_Work to be completed_
Find the lines in the records below that contain "CompositionType", and report each of them.

_Data to use_
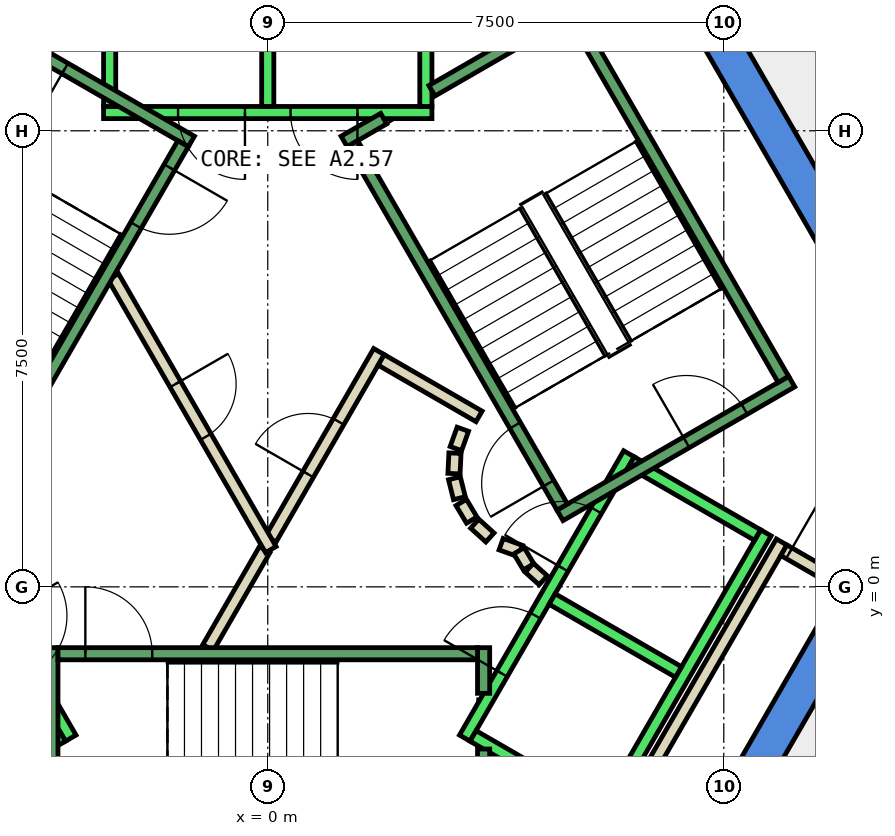
"""IFC4 building model, lengths in metres.
Left out: names, types, materials, properties, quantities, classifications, styles, units other than length and angle.
Written with IfcOpenShell. Run it as: python <this file> out.ifc"""

import sys

from ifc_helpers import new_model, si_unit, direction, frame, frame_2d, origin, place, context, subcontext, project, spatial, polyline, rectangle, outline, extrude, element, fill, save


model = new_model("IFC4")
c1 = context("Model", 3, precision=1e-05, world=origin(), true_north=direction((0.0, 1.0)))
c2 = subcontext(c1, "Body", "Model", "MODEL_VIEW")
j1 = project(units=[si_unit("LENGTHUNIT", "METRE"), si_unit("PLANEANGLEUNIT", "RADIAN")], contexts=[c1])
p1 = place(None, origin())
s1 = spatial("IfcSite", under=j1, at=p1, CompositionType="ELEMENT")
p2 = place(p1, origin())
s2 = spatial("IfcBuilding", under=s1, at=p2, CompositionType="ELEMENT")
p3 = place(p2, frame((0.0, 0.0, 270.2)))
s3 = spatial("IfcBuildingStorey", under=s2, at=p3, CompositionType="ELEMENT", Elevation=270.2)
p4 = place(p3, frame((0.0, 0.0, -0.34)))
e1 = element("IfcWall", 1, at=p4, inside=s3, PredefinedType="SHEAR", context=c2, shape_type="SweptSolid", body=[
    extrude(outline(polyline([(6.786, 10.747), (6.266, 10.447), (10.854, 2.5), (11.547, 2.5), (6.786, 10.747)])), origin(), (0.0, 0.0, 1.0), 3.6),
])
p5 = place(p3, frame((0.0, 0.0, -0.34)))
e2 = element("IfcWall", 2, at=p5, inside=s3, PredefinedType="SHEAR", context=c2, shape_type="SweptSolid", body=[
    extrude(outline(polyline([(5.774, -7.5), (11.547, 2.5), (10.854, 2.5), (5.427, -6.9), (5.774, -7.5)])), origin(), (0.0, 0.0, 1.0), 3.6),
])
p6 = place(p3, frame((5.751, -3.938, 0.0), z_axis=(0.0, 0.0, 1.0), x_axis=(0.500034260056, 0.866005622828, 0.0)))
e3 = element("IfcWall", 3, at=p6, inside=s3, PredefinedType="PARTITIONING", context=c2, shape_type="SweptSolid", body=[
    extrude(rectangle(XDim=5.399, YDim=0.2, at=frame_2d((2.7, 0.0))), origin(), (0.0, 0.0, 1.0), 3.26),
])
p7 = place(p3, frame((8.488, 0.602, 0.0), z_axis=(0.0, 0.0, 1.0), x_axis=(0.866063652425, -0.499933745558, 0.0)))
e4 = element("IfcWall", 4, at=p7, inside=s3, PredefinedType="PARTITIONING", context=c2, shape_type="SweptSolid", body=[
    extrude(rectangle(XDim=1.1, YDim=0.2, at=frame_2d((0.55, 0.0))), origin(), (0.0, 0.0, 1.0), 3.26),
])
p8 = place(p7, frame((0.1, 0.0, 0.0)))
e5 = element("IfcOpeningElement", 5, at=p8, cuts=e4, PredefinedType="OPENING", context=c2, shape_type="SweptSolid", body=[
    extrude(rectangle(XDim=0.9, YDim=2.1, at=frame_2d((0.45, 1.05))), frame((0.0, 0.11, 0.0), z_axis=(0.0, -1.0, 0.0), x_axis=(1.0, 0.0, 0.0)), (0.0, 0.0, 1.0), 0.22),
])
p9 = place(p3, frame((-0.982, -1.0, 0.0), z_axis=(0.0, 0.0, 1.0), x_axis=(0.50024047865, 0.865886518847, 0.0)))
e6 = element("IfcWall", 6, at=p9, inside=s3, PredefinedType="PARTITIONING", context=c2, shape_type="SweptSolid", body=[
    extrude(rectangle(XDim=1.863, YDim=0.2, at=frame_2d((0.931, 0.0))), origin(), (0.0, 0.0, 1.0), 3.26),
])
p10 = place(p3, frame((0.05, 0.787, 0.0), z_axis=(0.0, 0.0, 1.0), x_axis=(0.499954076797, 0.866051915934, 0.0)))
e7 = element("IfcWall", 7, at=p10, inside=s3, PredefinedType="PARTITIONING", context=c2, shape_type="SweptSolid", body=[
    extrude(rectangle(XDim=3.558, YDim=0.2, at=frame_2d((1.779, 0.0))), origin(), (0.0, 0.0, 1.0), 3.26),
])
p11 = place(p10, frame((1.229, 0.0, 0.0)))
e8 = element("IfcOpeningElement", 8, at=p11, cuts=e7, PredefinedType="OPENING", context=c2, shape_type="SweptSolid", body=[
    extrude(rectangle(XDim=1.0, YDim=2.1, at=frame_2d((0.5, 1.05))), frame((0.0, 0.11, 0.0), z_axis=(0.0, -1.0, 0.0), x_axis=(1.0, 0.0, 0.0)), (0.0, 0.0, 1.0), 0.22),
])
p12 = place(p3, frame((1.866, 3.732, 0.0), z_axis=(0.0, 0.0, 1.0), x_axis=(0.866043361281, -0.499968895414, 0.0)))
e9 = element("IfcWall", 9, at=p12, inside=s3, PredefinedType="PARTITIONING", context=c2, shape_type="SweptSolid", body=[
    extrude(rectangle(XDim=1.858, YDim=0.2, at=frame_2d((0.929, 0.0))), origin(), (0.0, 0.0, 1.0), 3.26),
])
p13 = place(p3, frame((3.208, 2.592, 0.0), z_axis=(0.0, 0.0, 1.0), x_axis=(-0.337388820924, -0.941365382578, 0.0)))
e10 = element("IfcWall", 10, at=p13, inside=s3, PredefinedType="PARTITIONING", context=c2, shape_type="SweptSolid", body=[
    extrude(rectangle(XDim=0.338, YDim=0.2, at=frame_2d((0.169, 0.0))), origin(), (0.0, 0.0, 1.0), 3.26),
])
p14 = place(p3, frame((3.079, 2.199, 0.0), z_axis=(0.0, 0.0, 1.0), x_axis=(-0.047771483479, -0.998858290933, 0.0)))
e11 = element("IfcWall", 11, at=p14, inside=s3, PredefinedType="PARTITIONING", context=c2, shape_type="SweptSolid", body=[
    extrude(rectangle(XDim=0.337, YDim=0.2, at=frame_2d((0.169, 0.0))), origin(), (0.0, 0.0, 1.0), 3.26),
])
p15 = place(p3, frame((3.07, 1.786, 0.0), z_axis=(0.0, 0.0, 1.0), x_axis=(0.242705583207, -0.970099994784, 0.0)))
e12 = element("IfcWall", 12, at=p15, inside=s3, PredefinedType="PARTITIONING", context=c2, shape_type="SweptSolid", body=[
    extrude(rectangle(XDim=0.338, YDim=0.2, at=frame_2d((0.169, 0.0))), origin(), (0.0, 0.0, 1.0), 3.26),
])
for number, where, z_axis, x_axis in (
    (13, (3.182, 1.388, 0.0), (0.0, 0.0, 1.0), (0.512, -0.859, 0.0)),
    (14, (3.404, 1.039, 0.0), (0.0, 0.0, 1.0), (0.74, -0.672, 0.0)),
):
    element("IfcWall", number, at=place(p3, frame(where, z_axis=z_axis, x_axis=x_axis)), inside=s3, PredefinedType="PARTITIONING", context=c2, shape_type="SweptSolid", body=[
        extrude(rectangle(XDim=0.338, YDim=0.2, at=frame_2d((0.169, 0.0))), origin(), (0.0, 0.0, 1.0), 3.26),
    ])
p16 = place(p3, frame((3.838, 0.702, 0.0), z_axis=(0.0, 0.0, 1.0), x_axis=(0.941035081519, -0.338308993895, 0.0)))
e15 = element("IfcWall", 15, at=p16, inside=s3, PredefinedType="PARTITIONING", context=c2, shape_type="SweptSolid", body=[
    extrude(rectangle(XDim=0.337, YDim=0.2, at=frame_2d((0.168, 0.0))), origin(), (0.0, 0.0, 1.0), 3.26),
])
p17 = place(p3, frame((4.132, 0.593, 0.0), z_axis=(0.0, 0.0, 1.0), x_axis=(0.513561617048, -0.858052717201, 0.0)))
e16 = element("IfcWall", 16, at=p17, inside=s3, PredefinedType="PARTITIONING", context=c2, shape_type="SweptSolid", body=[
    extrude(rectangle(XDim=0.308, YDim=0.2, at=frame_2d((0.154, 0.0))), origin(), (0.0, 0.0, 1.0), 3.26),
])
p18 = place(p3, frame((4.301, 0.315, 0.0), z_axis=(0.0, 0.0, 1.0), x_axis=(0.741798017506, -0.670623367639, 0.0)))
e17 = element("IfcWall", 17, at=p18, inside=s3, PredefinedType="PARTITIONING", context=c2, shape_type="SweptSolid", body=[
    extrude(rectangle(XDim=0.309, YDim=0.2, at=frame_2d((0.154, 0.0))), origin(), (0.0, 0.0, 1.0), 3.26),
])
p19 = place(p3, frame((-2.54, 5.1, 0.0), z_axis=(0.0, 0.0, 1.0), x_axis=(0.499925051871, -0.866068670783, 0.0)))
e18 = element("IfcWall", 18, at=p19, inside=s3, PredefinedType="PARTITIONING", context=c2, shape_type="SweptSolid", body=[
    extrude(rectangle(XDim=5.181, YDim=0.2, at=frame_2d((2.59, 0.0))), origin(), (0.0, 0.0, 1.0), 3.26),
])
p20 = place(p19, frame((2.04, 0.0, 0.0)))
e19 = element("IfcOpeningElement", 19, at=p20, cuts=e18, PredefinedType="OPENING", context=c2, shape_type="SweptSolid", body=[
    extrude(rectangle(XDim=1.0, YDim=2.1, at=frame_2d((0.5, 1.05))), frame((0.0, 0.11, 0.0), z_axis=(0.0, -1.0, 0.0), x_axis=(1.0, 0.0, 0.0)), (0.0, 0.0, 1.0), 0.22),
])
p21 = place(p3, frame((2.7, 7.8, 0.0), z_axis=(0.0, 0.0, 1.0), x_axis=(-1.0, 0.0, 0.0)))
e20 = element("IfcWall", 20, at=p21, inside=s3, PredefinedType="STANDARD", context=c2, shape_type="SweptSolid", body=[
    extrude(rectangle(XDim=5.4, YDim=0.2, at=frame_2d((2.7, 0.0))), origin(), (0.0, 0.0, 1.0), 3.26),
])
p22 = place(p21, frame((1.225, 0.0, 0.0)))
e21 = element("IfcOpeningElement", 21, at=p22, cuts=e20, PredefinedType="OPENING", context=c2, shape_type="SweptSolid", body=[
    extrude(rectangle(XDim=1.1, YDim=2.1, at=frame_2d((0.55, 1.05))), frame((0.0, 0.11, 0.0), z_axis=(0.0, -1.0, 0.0), x_axis=(1.0, 0.0, 0.0)), (0.0, 0.0, 1.0), 0.22),
])
p23 = place(p21, frame((3.075, 0.0, 0.0)))
e22 = element("IfcOpeningElement", 22, at=p23, cuts=e20, PredefinedType="OPENING", context=c2, shape_type="SweptSolid", body=[
    extrude(rectangle(XDim=1.1, YDim=2.1, at=frame_2d((0.55, 1.05))), frame((0.0, 0.11, 0.0), z_axis=(0.0, -1.0, 0.0), x_axis=(1.0, 0.0, 0.0)), (0.0, 0.0, 1.0), 0.22),
])
for number, where, z_axis, x_axis in (
    (23, (2.6, 7.9, 0.0), (0.0, 0.0, 1.0), (0.0, 1.0, 0.0)),
    (24, (0.0, 7.9, 0.0), (0.0, 0.0, 1.0), (0.0, 1.0, 0.0)),
    (25, (-2.6, 7.9, 0.0), (0.0, 0.0, 1.0), (0.0, 1.0, 0.0)),
):
    element("IfcWall", number, at=place(p3, frame(where, z_axis=z_axis, x_axis=x_axis)), inside=s3, PredefinedType="STANDARD", context=c2, shape_type="SweptSolid", body=[
        extrude(rectangle(XDim=2.4, YDim=0.2, at=frame_2d((1.2, 0.0))), origin(), (0.0, 0.0, 1.0), 3.26),
    ])
p24 = place(p3, frame((-5.94, 2.188, 0.0), z_axis=(0.0, 0.0, 1.0), x_axis=(0.500034260056, -0.866005622828, 0.0)))
e26 = element("IfcWall", 26, at=p24, inside=s3, PredefinedType="STANDARD", context=c2, shape_type="SweptSolid", body=[
    extrude(rectangle(XDim=5.399, YDim=0.2, at=frame_2d((2.7, 0.0))), origin(), (0.0, 0.0, 1.0), 3.26),
])
p25 = place(p24, frame((3.075, 0.0, 0.0)))
e27 = element("IfcOpeningElement", 27, at=p25, cuts=e26, PredefinedType="OPENING", context=c2, shape_type="SweptSolid", body=[
    extrude(rectangle(XDim=1.1, YDim=2.1, at=frame_2d((0.55, 1.05))), frame((0.0, 0.11, 0.0), z_axis=(0.0, -1.0, 0.0), x_axis=(1.0, 0.0, 0.0)), (0.0, 0.0, 1.0), 0.22),
])
p26 = place(p24, frame((1.225, 0.0, 0.0)))
e28 = element("IfcOpeningElement", 28, at=p26, cuts=e26, PredefinedType="OPENING", context=c2, shape_type="SweptSolid", body=[
    extrude(rectangle(XDim=1.1, YDim=2.1, at=frame_2d((0.55, 1.05))), frame((0.0, 0.11, 0.0), z_axis=(0.0, -1.0, 0.0), x_axis=(1.0, 0.0, 0.0)), (0.0, 0.0, 1.0), 0.22),
])
p27 = place(p3, frame((-3.377, -2.452, 0.0), z_axis=(0.0, 0.0, 1.0), x_axis=(-0.865955154139, -0.50012165622, 0.0)))
e29 = element("IfcWall", 29, at=p27, inside=s3, PredefinedType="STANDARD", context=c2, shape_type="SweptSolid", body=[
    extrude(rectangle(XDim=2.4, YDim=0.2, at=frame_2d((1.2, 0.0))), origin(), (0.0, 0.0, 1.0), 3.26),
])
p28 = place(p3, frame((3.24, -2.488, 0.0), z_axis=(0.0, 0.0, 1.0), x_axis=(0.500034260056, 0.866005622828, 0.0)))
e30 = element("IfcWall", 30, at=p28, inside=s3, PredefinedType="STANDARD", context=c2, shape_type="SweptSolid", body=[
    extrude(rectangle(XDim=5.399, YDim=0.2, at=frame_2d((2.7, 0.0))), origin(), (0.0, 0.0, 1.0), 3.26),
])
p29 = place(p28, frame((3.225, 0.0, 0.0)))
e31 = element("IfcOpeningElement", 31, at=p29, cuts=e30, PredefinedType="OPENING", context=c2, shape_type="SweptSolid", body=[
    extrude(rectangle(XDim=1.1, YDim=2.1, at=frame_2d((0.55, 1.05))), frame((0.0, 0.11, 0.0), z_axis=(0.0, -1.0, 0.0), x_axis=(1.0, 0.0, 0.0)), (0.0, 0.0, 1.0), 0.22),
])
p30 = place(p28, frame((1.225, 0.0, 0.0)))
e32 = element("IfcOpeningElement", 32, at=p30, cuts=e30, PredefinedType="OPENING", context=c2, shape_type="SweptSolid", body=[
    extrude(rectangle(XDim=1.1, YDim=2.1, at=frame_2d((0.55, 1.05))), frame((0.0, 0.11, 0.0), z_axis=(0.0, -1.0, 0.0), x_axis=(1.0, 0.0, 0.0)), (0.0, 0.0, 1.0), 0.22),
])
p31 = place(p3, frame((5.492, -3.788, 0.0), z_axis=(0.0, 0.0, 1.0), x_axis=(0.500034260056, 0.866005622828, 0.0)))
e33 = element("IfcWall", 33, at=p31, inside=s3, PredefinedType="STANDARD", context=c2, shape_type="SweptSolid", body=[
    extrude(rectangle(XDim=5.399, YDim=0.2, at=frame_2d((2.7, 0.0))), origin(), (0.0, 0.0, 1.0), 3.26),
])
p32 = place(p3, frame((3.377, -2.452, 0.0), z_axis=(0.0, 0.0, 1.0), x_axis=(0.865955154139, -0.50012165622, 0.0)))
e34 = element("IfcWall", 34, at=p32, inside=s3, PredefinedType="STANDARD", context=c2, shape_type="SweptSolid", body=[
    extrude(rectangle(XDim=2.4, YDim=0.2, at=frame_2d((1.2, 0.0))), origin(), (0.0, 0.0, 1.0), 3.26),
])
for number, where, z_axis, x_axis in (
    (35, (4.677, -0.2, 0.0), (0.0, 0.0, 1.0), (0.866, -0.5, 0.0)),
    (36, (5.977, 2.052, 0.0), (0.0, 0.0, 1.0), (0.866, -0.5, 0.0)),
):
    element("IfcWall", number, at=place(p3, frame(where, z_axis=z_axis, x_axis=x_axis)), inside=s3, PredefinedType="STANDARD", context=c2, shape_type="SweptSolid", body=[
        extrude(rectangle(XDim=2.399, YDim=0.2, at=frame_2d((1.2, 0.0))), origin(), (0.0, 0.0, 1.0), 3.26),
    ])
p33 = place(p3, frame((-3.55, -1.0, 0.0), z_axis=(0.0, 0.0, 1.0), x_axis=(0.0, -1.0, 0.0)))
e37 = element("IfcWall", 37, at=p33, inside=s3, PredefinedType="STANDARD", context=c2, shape_type="SweptSolid", body=[
    extrude(rectangle(XDim=4.4, YDim=0.2, at=frame_2d((2.2, 0.0))), origin(), (0.0, 0.0, 1.0), 3.26),
])
p34 = place(p33, frame((2.4, 0.0, 0.0)))
e38 = element("IfcOpeningElement", 38, at=p34, cuts=e37, PredefinedType="OPENING", context=c2, shape_type="SweptSolid", body=[
    extrude(rectangle(XDim=1.1, YDim=2.2, at=frame_2d((0.55, 1.1))), frame((0.0, 0.11, 0.0), z_axis=(0.0, -1.0, 0.0), x_axis=(1.0, 0.0, 0.0)), (0.0, 0.0, 1.0), 0.22),
])
p35 = place(p3, frame((3.55, -2.667, 0.0), z_axis=(0.0, 0.0, 1.0), x_axis=(0.0, -1.0, 0.0)))
e39 = element("IfcWall", 39, at=p35, inside=s3, PredefinedType="STANDARD", context=c2, shape_type="SweptSolid", body=[
    extrude(rectangle(XDim=2.733, YDim=0.2, at=frame_2d((1.366, 0.0))), origin(), (0.0, 0.0, 1.0), 3.26),
])
p36 = place(p3, frame((3.55, -1.0, 0.0), z_axis=(0.0, 0.0, 1.0), x_axis=(0.0, -1.0, 0.0)))
e40 = element("IfcWall", 40, at=p36, inside=s3, PredefinedType="STANDARD", context=c2, shape_type="SweptSolid", body=[
    extrude(rectangle(XDim=0.751, YDim=0.2, at=frame_2d((0.375, 0.0))), origin(), (0.0, 0.0, 1.0), 3.26),
])
p37 = place(p3, frame((-3.45, -1.1, 0.0), z_axis=(0.0, 0.0, 1.0), x_axis=(1.0, 0.0, 0.0)))
e41 = element("IfcWall", 41, at=p37, inside=s3, PredefinedType="STANDARD", context=c2, shape_type="SweptSolid", body=[
    extrude(rectangle(XDim=6.9, YDim=0.2, at=frame_2d((3.45, 0.0))), origin(), (0.0, 0.0, 1.0), 3.26),
])
p38 = place(p37, frame((0.45, 0.0, 0.0)))
e42 = element("IfcOpeningElement", 42, at=p38, cuts=e41, PredefinedType="OPENING", context=c2, shape_type="SweptSolid", body=[
    extrude(rectangle(XDim=1.1, YDim=2.2, at=frame_2d((0.55, 1.1))), frame((0.0, 0.11, 0.0), z_axis=(0.0, -1.0, 0.0), x_axis=(1.0, 0.0, 0.0)), (0.0, 0.0, 1.0), 0.22),
])
p39 = place(p3, frame((4.806, 1.176, 0.0), z_axis=(0.0, 0.0, 1.0), x_axis=(0.866059941101, 0.499940174841, 0.0)))
e43 = element("IfcWall", 43, at=p39, inside=s3, PredefinedType="STANDARD", context=c2, shape_type="SweptSolid", body=[
    extrude(rectangle(XDim=4.4, YDim=0.2, at=frame_2d((2.2, 0.0))), origin(), (0.0, 0.0, 1.0), 3.26),
])
p40 = place(p39, frame((2.4, 0.0, 0.0)))
e44 = element("IfcOpeningElement", 44, at=p40, cuts=e43, PredefinedType="OPENING", context=c2, shape_type="SweptSolid", body=[
    extrude(rectangle(XDim=1.1, YDim=2.2, at=frame_2d((0.55, 1.1))), frame((0.0, 0.11, 0.0), z_axis=(0.0, -1.0, 0.0), x_axis=(1.0, 0.0, 0.0)), (0.0, 0.0, 1.0), 0.22),
])
p41 = place(p3, frame((2.7, 8.158, 0.0), z_axis=(0.0, 0.0, 1.0), x_axis=(0.86611865017, 0.499838457731, 0.0)))
e45 = element("IfcWall", 45, at=p41, inside=s3, PredefinedType="STANDARD", context=c2, shape_type="SweptSolid", body=[
    extrude(rectangle(XDim=2.733, YDim=0.2, at=frame_2d((1.366, 0.0))), origin(), (0.0, 0.0, 1.0), 3.26),
])
p42 = place(p3, frame((1.256, 7.324, 0.0), z_axis=(0.0, 0.0, 1.0), x_axis=(0.865915093549, 0.500191014278, 0.0)))
e46 = element("IfcWall", 46, at=p42, inside=s3, PredefinedType="STANDARD", context=c2, shape_type="SweptSolid", body=[
    extrude(rectangle(XDim=0.752, YDim=0.2, at=frame_2d((0.376, 0.0))), origin(), (0.0, 0.0, 1.0), 3.26),
])
p43 = place(p3, frame((4.843, 1.312, 0.0), z_axis=(0.0, 0.0, 1.0), x_axis=(-0.499963383562, 0.866046543262, 0.0)))
e47 = element("IfcWall", 47, at=p43, inside=s3, PredefinedType="STANDARD", context=c2, shape_type="SweptSolid", body=[
    extrude(rectangle(XDim=6.9, YDim=0.2, at=frame_2d((3.45, 0.0))), origin(), (0.0, 0.0, 1.0), 3.26),
])
p44 = place(p43, frame((0.45, 0.0, 0.0)))
e48 = element("IfcOpeningElement", 48, at=p44, cuts=e47, PredefinedType="OPENING", context=c2, shape_type="SweptSolid", body=[
    extrude(rectangle(XDim=1.1, YDim=2.2, at=frame_2d((0.55, 1.1))), frame((0.0, 0.11, 0.0), z_axis=(0.0, -1.0, 0.0), x_axis=(1.0, 0.0, 0.0)), (0.0, 0.0, 1.0), 0.22),
])
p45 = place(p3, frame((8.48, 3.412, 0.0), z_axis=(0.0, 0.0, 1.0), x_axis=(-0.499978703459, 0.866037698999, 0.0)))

_Expected answer_
s1 = spatial("IfcSite", under=j1, at=p1, CompositionType="ELEMENT")
s2 = spatial("IfcBuilding", under=s1, at=p2, CompositionType="ELEMENT")
s3 = spatial("IfcBuildingStorey", under=s2, at=p3, CompositionType="ELEMENT", Elevation=270.2)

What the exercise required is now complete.